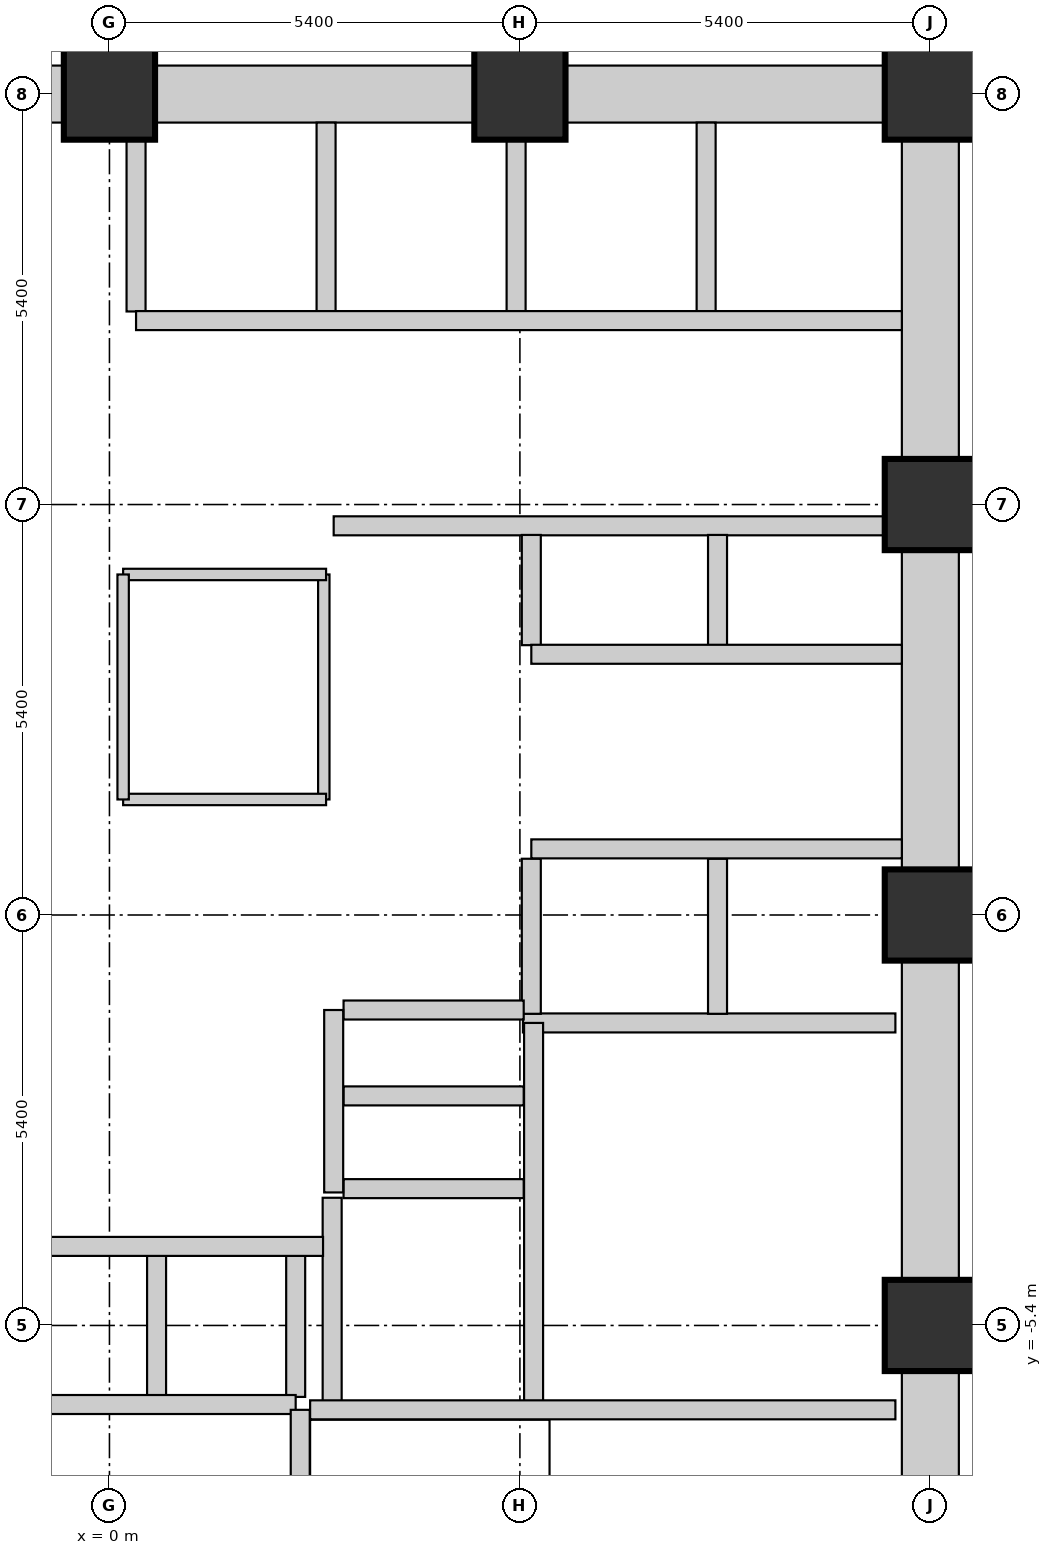
"""IFC4 building model, lengths in metres.
Left out: names, types, materials, properties, quantities, classifications, styles, units other than length and angle.
Written with IfcOpenShell. Run it as: python <this file> out.ifc"""

import sys

from ifc_helpers import new_model, si_unit, direction, frame, frame_2d, origin, origin_2d, place, context, subcontext, project, spatial, rectangle, extrude, element, fill, save


model = new_model("IFC4")
c1 = context("Model", 3, precision=1e-05, world=origin(), true_north=direction((0.0, 1.0)))
c2 = subcontext(c1, "Body", "Model", "MODEL_VIEW")
j1 = project(units=[si_unit("LENGTHUNIT", "METRE"), si_unit("PLANEANGLEUNIT", "RADIAN")], contexts=[c1])
p1 = place(None, origin())
s1 = spatial("IfcSite", under=j1, at=p1, CompositionType="ELEMENT")
p2 = place(p1, origin())
s2 = spatial("IfcBuilding", under=s1, at=p2, CompositionType="ELEMENT")
p3 = place(p2, frame((0.0, 0.0, 22.5)))
s3 = spatial("IfcBuildingStorey", under=s2, at=p3, CompositionType="ELEMENT", Elevation=22.5)
for number, where, z_axis, x_axis in (
    (1, (0.0, 10.8, 0.0), (0.0, 0.0, 1.0), (1.0, 0.0, 0.0)),
    (2, (5.4, 10.8, 0.0), (0.0, 0.0, 1.0), (1.0, 0.0, 0.0)),
    (3, (10.8, -5.4, 0.0), (0.0, 0.0, 1.0), (1.0, 0.0, 0.0)),
    (4, (10.8, 0.0, 0.0), (0.0, 0.0, 1.0), (1.0, 0.0, 0.0)),
    (5, (10.8, 5.4, 0.0), (0.0, 0.0, 1.0), (1.0, 0.0, 0.0)),
    (6, (10.8, 10.8, 0.0), (0.0, 0.0, 1.0), (1.0, 0.0, 0.0)),
):
    element("IfcColumn", number, at=place(p3, frame(where, z_axis=z_axis, x_axis=x_axis)), inside=s3, PredefinedType="COLUMN", context=c2, shape_type="SweptSolid", body=[
        extrude(rectangle(XDim=1.2, YDim=1.2, at=origin_2d()), origin(), (0.0, 0.0, 1.0), 3.75),
    ])
p4 = place(p3, frame((10.8, -10.19, 0.0), z_axis=(0.0, 0.0, 1.0), x_axis=(0.0, 1.0, 0.0)))
e7 = element("IfcWall", 7, at=p4, inside=s3, PredefinedType="SHEAR", context=c2, shape_type="SweptSolid", body=[
    extrude(rectangle(XDim=4.18, YDim=0.75, at=frame_2d((2.09, 0.0))), origin(), (0.0, 0.0, 1.0), 3.75),
])
p5 = place(p3, frame((-4.79, 10.8, 0.0), z_axis=(0.0, 0.0, 1.0), x_axis=(1.0, 0.0, 0.0)))
e8 = element("IfcWall", 8, at=p5, inside=s3, PredefinedType="SHEAR", context=c2, shape_type="SweptSolid", body=[
    extrude(rectangle(XDim=4.18, YDim=0.75, at=frame_2d((2.09, 0.0))), origin(), (0.0, 0.0, 1.0), 3.75),
])
p6 = place(p5, frame((2.83, 0.0, 0.0)))
e9 = element("IfcOpeningElement", 9, at=p6, cuts=e8, PredefinedType="OPENING", context=c2, shape_type="SweptSolid", body=[
    extrude(rectangle(XDim=1.1, YDim=2.1, at=frame_2d((0.55, 1.05))), frame((0.0, 0.385, 0.0), z_axis=(0.0, -1.0, 0.0), x_axis=(1.0, 0.0, 0.0)), (0.0, 0.0, 1.0), 0.77),
])
p7 = place(p3, frame((10.8, -4.79, 0.0), z_axis=(0.0, 0.0, 1.0), x_axis=(0.0, 1.0, 0.0)))
e10 = element("IfcWall", 10, at=p7, inside=s3, PredefinedType="SHEAR", context=c2, shape_type="SweptSolid", body=[
    extrude(rectangle(XDim=4.18, YDim=0.75, at=frame_2d((2.09, 0.0))), origin(), (0.0, 0.0, 1.0), 3.75),
])
p8 = place(p7, frame((1.54, 0.0, 0.0)))
e11 = element("IfcOpeningElement", 11, at=p8, cuts=e10, PredefinedType="OPENING", context=c2, shape_type="SweptSolid", body=[
    extrude(rectangle(XDim=1.1, YDim=2.1, at=frame_2d((0.55, 1.05))), frame((0.0, 0.385, 0.0), z_axis=(0.0, -1.0, 0.0), x_axis=(1.0, 0.0, 0.0)), (0.0, 0.0, 1.0), 0.77),
])
p9 = place(p3, frame((0.61, 10.8, 0.0), z_axis=(0.0, 0.0, 1.0), x_axis=(1.0, 0.0, 0.0)))
e12 = element("IfcWall", 12, at=p9, inside=s3, PredefinedType="SHEAR", context=c2, shape_type="SweptSolid", body=[
    extrude(rectangle(XDim=4.18, YDim=0.75, at=frame_2d((2.09, 0.0))), origin(), (0.0, 0.0, 1.0), 3.75),
])
p10 = place(p3, frame((10.8, 0.61, 0.0), z_axis=(0.0, 0.0, 1.0), x_axis=(0.0, 1.0, 0.0)))
e13 = element("IfcWall", 13, at=p10, inside=s3, PredefinedType="SHEAR", context=c2, shape_type="SweptSolid", body=[
    extrude(rectangle(XDim=4.18, YDim=0.75, at=frame_2d((2.09, 0.0))), origin(), (0.0, 0.0, 1.0), 3.75),
])
p11 = place(p10, frame((1.54, 0.0, 0.0)))
e14 = element("IfcOpeningElement", 14, at=p11, cuts=e13, PredefinedType="OPENING", context=c2, shape_type="SweptSolid", body=[
    extrude(rectangle(XDim=1.1, YDim=2.1, at=frame_2d((0.55, 1.05))), frame((0.0, 0.385, 0.0), z_axis=(0.0, -1.0, 0.0), x_axis=(1.0, 0.0, 0.0)), (0.0, 0.0, 1.0), 0.77),
])
for number, where, z_axis, x_axis in (
    (15, (6.01, 10.8, 0.0), (0.0, 0.0, 1.0), (1.0, 0.0, 0.0)),
    (16, (10.8, 6.01, 0.0), (0.0, 0.0, 1.0), (0.0, 1.0, 0.0)),
):
    element("IfcWall", number, at=place(p3, frame(where, z_axis=z_axis, x_axis=x_axis)), inside=s3, PredefinedType="SHEAR", context=c2, shape_type="SweptSolid", body=[
        extrude(rectangle(XDim=4.18, YDim=0.75, at=frame_2d((2.09, 0.0))), origin(), (0.0, 0.0, 1.0), 3.75),
    ])
p12 = place(p3, frame((2.93, -6.51, 0.0), z_axis=(0.0, 0.0, 1.0), x_axis=(0.0, 1.0, 0.0)))
e17 = element("IfcWall", 17, at=p12, inside=s3, PredefinedType="SHEAR", context=c2, shape_type="SweptSolid", body=[
    extrude(rectangle(XDim=2.79, YDim=0.25, at=frame_2d((1.395, 0.0))), origin(), (0.0, 0.0, 1.0), 3.75),
])
p13 = place(p3, frame((5.44, -1.42, 0.0), z_axis=(0.0, 0.0, 1.0), x_axis=(1.0, 0.0, 0.0)))
e18 = element("IfcWall", 18, at=p13, inside=s3, PredefinedType="SHEAR", context=c2, shape_type="SweptSolid", body=[
    extrude(rectangle(XDim=4.9, YDim=0.25, at=frame_2d((2.45, 0.0))), origin(), (0.0, 0.0, 1.0), 3.75),
])
p14 = place(p3, frame((3.08, -3.6, 0.0), z_axis=(0.0, 0.0, 1.0), x_axis=(1.0, 0.0, 0.0)))
e19 = element("IfcWall", 19, at=p14, inside=s3, PredefinedType="SHEAR", context=c2, shape_type="SweptSolid", body=[
    extrude(rectangle(XDim=2.37, YDim=0.25, at=frame_2d((1.185, 0.0))), origin(), (0.0, 0.0, 1.0), 3.75),
])
p15 = place(p3, frame((5.58, -6.51, 0.0), z_axis=(0.0, 0.0, 1.0), x_axis=(0.0, 1.0, 0.0)))
e20 = element("IfcWall", 20, at=p15, inside=s3, PredefinedType="SHEAR", context=c2, shape_type="SweptSolid", body=[
    extrude(rectangle(XDim=5.09, YDim=0.25, at=frame_2d((2.545, 0.0))), origin(), (0.0, 0.0, 1.0), 3.75),
])
p16 = place(p15, frame((0.85, 0.0, 0.0)))
e21 = element("IfcOpeningElement", 21, at=p16, cuts=e20, PredefinedType="OPENING", context=c2, shape_type="SweptSolid", body=[
    extrude(rectangle(XDim=1.1, YDim=2.1, at=frame_2d((0.55, 1.05))), frame((0.0, 0.135, 0.0), z_axis=(0.0, -1.0, 0.0), x_axis=(1.0, 0.0, 0.0)), (0.0, 0.0, 1.0), 0.27),
])
for number, where, z_axis, x_axis in (
    (22, (0.62, -6.34, 0.0), (0.0, 0.0, 1.0), (0.0, 1.0, 0.0)),
    (23, (2.45, -6.34, 0.0), (0.0, 0.0, 1.0), (0.0, 1.0, 0.0)),
):
    element("IfcWall", number, at=place(p3, frame(where, z_axis=z_axis, x_axis=x_axis)), inside=s3, PredefinedType="SHEAR", context=c2, shape_type="SweptSolid", body=[
        extrude(rectangle(XDim=1.88, YDim=0.25, at=frame_2d((0.94, 0.0))), origin(), (0.0, 0.0, 1.0), 3.75),
    ])
p17 = place(p3, frame((-1.22, -6.44, 0.0), z_axis=(0.0, 0.0, 1.0), x_axis=(1.0, 0.0, 0.0)))
e24 = element("IfcWall", 24, at=p17, inside=s3, PredefinedType="SHEAR", context=c2, shape_type="SweptSolid", body=[
    extrude(rectangle(XDim=3.67, YDim=0.25, at=frame_2d((1.835, 0.0))), origin(), (0.0, 0.0, 1.0), 3.75),
])
p18 = place(p3, frame((-1.22, -4.36, 0.0), z_axis=(0.0, 0.0, 1.0), x_axis=(1.0, 0.0, 0.0)))
e25 = element("IfcWall", 25, at=p18, inside=s3, PredefinedType="SHEAR", context=c2, shape_type="SweptSolid", body=[
    extrude(rectangle(XDim=4.03, YDim=0.25, at=frame_2d((2.015, 0.0))), origin(), (0.0, 0.0, 1.0), 3.75),
])
p19 = place(p3, frame((2.85, 7.94, 0.0), z_axis=(0.0, 0.0, 1.0), x_axis=(0.0, 1.0, 0.0)))
e26 = element("IfcWall", 26, at=p19, inside=s3, PredefinedType="SHEAR", context=c2, shape_type="SweptSolid", body=[
    extrude(rectangle(XDim=2.485, YDim=0.25, at=frame_2d((1.243, 0.0))), origin(), (0.0, 0.0, 1.0), 3.75),
])
for number, where, z_axis, x_axis in (
    (27, (0.35, 7.94, 0.0), (0.0, 0.0, 1.0), (0.0, 1.0, 0.0)),
    (28, (5.35, 7.94, 0.0), (0.0, 0.0, 1.0), (0.0, 1.0, 0.0)),
):
    element("IfcWall", number, at=place(p3, frame(where, z_axis=z_axis, x_axis=x_axis)), inside=s3, PredefinedType="SHEAR", context=c2, shape_type="SweptSolid", body=[
        extrude(rectangle(XDim=2.26, YDim=0.25, at=frame_2d((1.13, 0.0))), origin(), (0.0, 0.0, 1.0), 3.75),
    ])
p20 = place(p3, frame((7.85, 7.94, 0.0), z_axis=(0.0, 0.0, 1.0), x_axis=(0.0, 1.0, 0.0)))
e29 = element("IfcWall", 29, at=p20, inside=s3, PredefinedType="SHEAR", context=c2, shape_type="SweptSolid", body=[
    extrude(rectangle(XDim=2.485, YDim=0.25, at=frame_2d((1.243, 0.0))), origin(), (0.0, 0.0, 1.0), 3.75),
])
p21 = place(p3, frame((0.35, 7.82, 0.0), z_axis=(0.0, 0.0, 1.0), x_axis=(1.0, 0.0, 0.0)))
e30 = element("IfcWall", 30, at=p21, inside=s3, PredefinedType="SHEAR", context=c2, shape_type="SweptSolid", body=[
    extrude(rectangle(XDim=10.075, YDim=0.25, at=frame_2d((5.038, 0.0))), origin(), (0.0, 0.0, 1.0), 3.75),
])
p22 = place(p21, frame((0.7, 0.0, 0.0)))
e31 = element("IfcOpeningElement", 31, at=p22, cuts=e30, PredefinedType="OPENING", context=c2, shape_type="SweptSolid", body=[
    extrude(rectangle(XDim=1.1, YDim=2.1, at=frame_2d((0.55, 1.05))), frame((0.0, 0.135, 0.0), z_axis=(0.0, -1.0, 0.0), x_axis=(1.0, 0.0, 0.0)), (0.0, 0.0, 1.0), 0.27),
])
p23 = place(p21, frame((3.2, 0.0, 0.0)))
e32 = element("IfcOpeningElement", 32, at=p23, cuts=e30, PredefinedType="OPENING", context=c2, shape_type="SweptSolid", body=[
    extrude(rectangle(XDim=1.1, YDim=2.1, at=frame_2d((0.55, 1.05))), frame((0.0, 0.135, 0.0), z_axis=(0.0, -1.0, 0.0), x_axis=(1.0, 0.0, 0.0)), (0.0, 0.0, 1.0), 0.27),
])
p24 = place(p21, frame((5.7, 0.0, 0.0)))
e33 = element("IfcOpeningElement", 33, at=p24, cuts=e30, PredefinedType="OPENING", context=c2, shape_type="SweptSolid", body=[
    extrude(rectangle(XDim=1.1, YDim=2.1, at=frame_2d((0.55, 1.05))), frame((0.0, 0.135, 0.0), z_axis=(0.0, -1.0, 0.0), x_axis=(1.0, 0.0, 0.0)), (0.0, 0.0, 1.0), 0.27),
])
p25 = place(p21, frame((8.2, 0.0, 0.0)))
e34 = element("IfcOpeningElement", 34, at=p25, cuts=e30, PredefinedType="OPENING", context=c2, shape_type="SweptSolid", body=[
    extrude(rectangle(XDim=1.1, YDim=2.1, at=frame_2d((0.55, 1.05))), frame((0.0, 0.135, 0.0), z_axis=(0.0, -1.0, 0.0), x_axis=(1.0, 0.0, 0.0)), (0.0, 0.0, 1.0), 0.27),
])
p26 = place(p3, frame((2.95, 5.12, 0.0), z_axis=(0.0, 0.0, 1.0), x_axis=(1.0, 0.0, 0.0)))
e35 = element("IfcWall", 35, at=p26, inside=s3, PredefinedType="SHEAR", context=c2, shape_type="SweptSolid", body=[
    extrude(rectangle(XDim=7.25, YDim=0.25, at=frame_2d((3.625, 0.0))), origin(), (0.0, 0.0, 1.0), 3.75),
])
for number, where, z_axis, x_axis in (
    (36, (5.55, 3.55, 0.0), (0.0, 0.0, 1.0), (0.0, 1.0, 0.0)),
    (37, (8.0, 3.55, 0.0), (0.0, 0.0, 1.0), (0.0, 1.0, 0.0)),
):
    element("IfcWall", number, at=place(p3, frame(where, z_axis=z_axis, x_axis=x_axis)), inside=s3, PredefinedType="SHEAR", context=c2, shape_type="SweptSolid", body=[
        extrude(rectangle(XDim=1.45, YDim=0.25, at=frame_2d((0.725, 0.0))), origin(), (0.0, 0.0, 1.0), 3.75),
    ])
for number, where, z_axis, x_axis in (
    (38, (5.55, -1.3, 0.0), (0.0, 0.0, 1.0), (0.0, 1.0, 0.0)),
    (39, (8.0, -1.3, 0.0), (0.0, 0.0, 1.0), (0.0, 1.0, 0.0)),
):
    element("IfcWall", number, at=place(p3, frame(where, z_axis=z_axis, x_axis=x_axis)), inside=s3, PredefinedType="SHEAR", context=c2, shape_type="SweptSolid", body=[
        extrude(rectangle(XDim=2.04, YDim=0.25, at=frame_2d((1.02, 0.0))), origin(), (0.0, 0.0, 1.0), 3.75),
    ])
for number, where, z_axis, x_axis in (
    (40, (5.55, 3.43, 0.0), (0.0, 0.0, 1.0), (1.0, 0.0, 0.0)),
    (41, (5.55, 0.87, 0.0), (0.0, 0.0, 1.0), (1.0, 0.0, 0.0)),
):
    element("IfcWall", number, at=place(p3, frame(where, z_axis=z_axis, x_axis=x_axis)), inside=s3, PredefinedType="SHEAR", context=c2, shape_type="SweptSolid", body=[
        extrude(rectangle(XDim=4.875, YDim=0.25, at=frame_2d((2.438, 0.0))), origin(), (0.0, 0.0, 1.0), 3.75),
    ])
for number, where, z_axis, x_axis in (
    (42, (3.08, -2.38, 0.0), (0.0, 0.0, 1.0), (1.0, 0.0, 0.0)),
    (43, (3.08, -1.25, 0.0), (0.0, 0.0, 1.0), (1.0, 0.0, 0.0)),
):
    element("IfcWall", number, at=place(p3, frame(where, z_axis=z_axis, x_axis=x_axis)), inside=s3, PredefinedType="SHEAR", context=c2, shape_type="SweptSolid", body=[
        extrude(rectangle(XDim=2.37, YDim=0.25, at=frame_2d((1.185, 0.0))), origin(), (0.0, 0.0, 1.0), 3.75),
    ])
p27 = place(p3, frame((2.95, -3.65, 0.0), z_axis=(0.0, 0.0, 1.0), x_axis=(0.0, 1.0, 0.0)))
e44 = element("IfcWall", 44, at=p27, inside=s3, PredefinedType="SHEAR", context=c2, shape_type="SweptSolid", body=[
    extrude(rectangle(XDim=2.4, YDim=0.25, at=frame_2d((1.2, 0.0))), origin(), (0.0, 0.0, 1.0), 3.75),
])
p28 = place(p27, frame((0.775, 0.0, 0.0)))
e45 = element("IfcOpeningElement", 45, at=p28, cuts=e44, PredefinedType="OPENING", context=c2, shape_type="SweptSolid", body=[
    extrude(rectangle(XDim=0.85, YDim=2.1, at=frame_2d((0.425, 1.05))), frame((0.0, 0.135, 0.0), z_axis=(0.0, -1.0, 0.0), x_axis=(1.0, 0.0, 0.0)), (0.0, 0.0, 1.0), 0.27),
])
p29 = place(p3, frame((2.64, -6.51, 0.0), z_axis=(0.0, 0.0, 1.0), x_axis=(1.0, 0.0, 0.0)))
e46 = element("IfcWall", 46, at=p29, inside=s3, PredefinedType="SHEAR", context=c2, shape_type="SweptSolid", body=[
    extrude(rectangle(XDim=7.7, YDim=0.25, at=frame_2d((3.85, 0.0))), origin(), (0.0, 0.0, 1.0), 3.75),
])
p30 = place(p29, frame((6.0, 0.0, 0.0)))
e47 = element("IfcOpeningElement", 47, at=p30, cuts=e46, PredefinedType="OPENING", context=c2, shape_type="SweptSolid", body=[
    extrude(rectangle(XDim=0.95, YDim=2.1, at=frame_2d((0.475, 1.05))), frame((0.0, 0.135, 0.0), z_axis=(0.0, -1.0, 0.0), x_axis=(1.0, 0.0, 0.0)), (0.0, 0.0, 1.0), 0.27),
])
p31 = place(p3, frame((2.51, -10.425, 0.0), z_axis=(0.0, 0.0, 1.0), x_axis=(0.0, 1.0, 0.0)))
e48 = element("IfcWall", 48, at=p31, inside=s3, PredefinedType="SHEAR", context=c2, shape_type="SweptSolid", body=[
    extrude(rectangle(XDim=3.915, YDim=0.25, at=frame_2d((1.958, 0.0))), origin(), (0.0, 0.0, 1.0), 3.75),
])
p32 = place(p3, frame((2.82, 1.52, 0.0), z_axis=(0.0, 0.0, 1.0), x_axis=(0.0, 1.0, 0.0)))
e49 = element("IfcWall", 49, at=p32, inside=s3, PredefinedType="PARTITIONING", context=c2, shape_type="SweptSolid", body=[
    extrude(rectangle(XDim=2.96, YDim=0.15, at=frame_2d((1.48, 0.0))), origin(), (0.0, 0.0, 1.0), 3.57),
])
for number, where, z_axis, x_axis in (
    (50, (0.18, 4.48, 0.0), (0.0, 0.0, 1.0), (1.0, 0.0, 0.0)),
    (51, (0.18, 1.52, 0.0), (0.0, 0.0, 1.0), (1.0, 0.0, 0.0)),
):
    element("IfcWall", number, at=place(p3, frame(where, z_axis=z_axis, x_axis=x_axis)), inside=s3, PredefinedType="PARTITIONING", context=c2, shape_type="SweptSolid", body=[
        extrude(rectangle(XDim=2.67, YDim=0.15, at=frame_2d((1.335, 0.0))), origin(), (0.0, 0.0, 1.0), 3.57),
    ])
p33 = place(p3, frame((0.18, 1.52, 0.0), z_axis=(0.0, 0.0, 1.0), x_axis=(0.0, 1.0, 0.0)))
e52 = element("IfcWall", 52, at=p33, inside=s3, PredefinedType="PARTITIONING", context=c2, shape_type="SweptSolid", body=[
    extrude(rectangle(XDim=2.96, YDim=0.15, at=frame_2d((1.48, 0.0))), origin(), (0.0, 0.0, 1.0), 3.57),
])
p34 = place(p33, frame((0.95, 0.0, 0.0)))
e53 = element("IfcOpeningElement", 53, at=p34, cuts=e52, PredefinedType="OPENING", context=c2, shape_type="SweptSolid", body=[
    extrude(rectangle(XDim=0.85, YDim=2.1, at=frame_2d((0.425, 1.05))), frame((0.0, 0.085, 0.0), z_axis=(0.0, -1.0, 0.0), x_axis=(1.0, 0.0, 0.0)), (0.0, 0.0, 1.0), 0.17),
])
p35 = place(p34, origin())
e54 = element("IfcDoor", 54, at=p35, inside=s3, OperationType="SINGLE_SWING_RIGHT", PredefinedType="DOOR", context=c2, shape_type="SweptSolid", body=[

==*==

• [Task requirements]:
If a line of the material contains the word "CompositionType", pick it out and copy it.

• [Solution for this exercise]:
s1 = spatial("IfcSite", under=j1, at=p1, CompositionType="ELEMENT")
s2 = spatial("IfcBuilding", under=s1, at=p2, CompositionType="ELEMENT")
s3 = spatial("IfcBuildingStorey", under=s2, at=p3, CompositionType="ELEMENT", Elevation=22.5)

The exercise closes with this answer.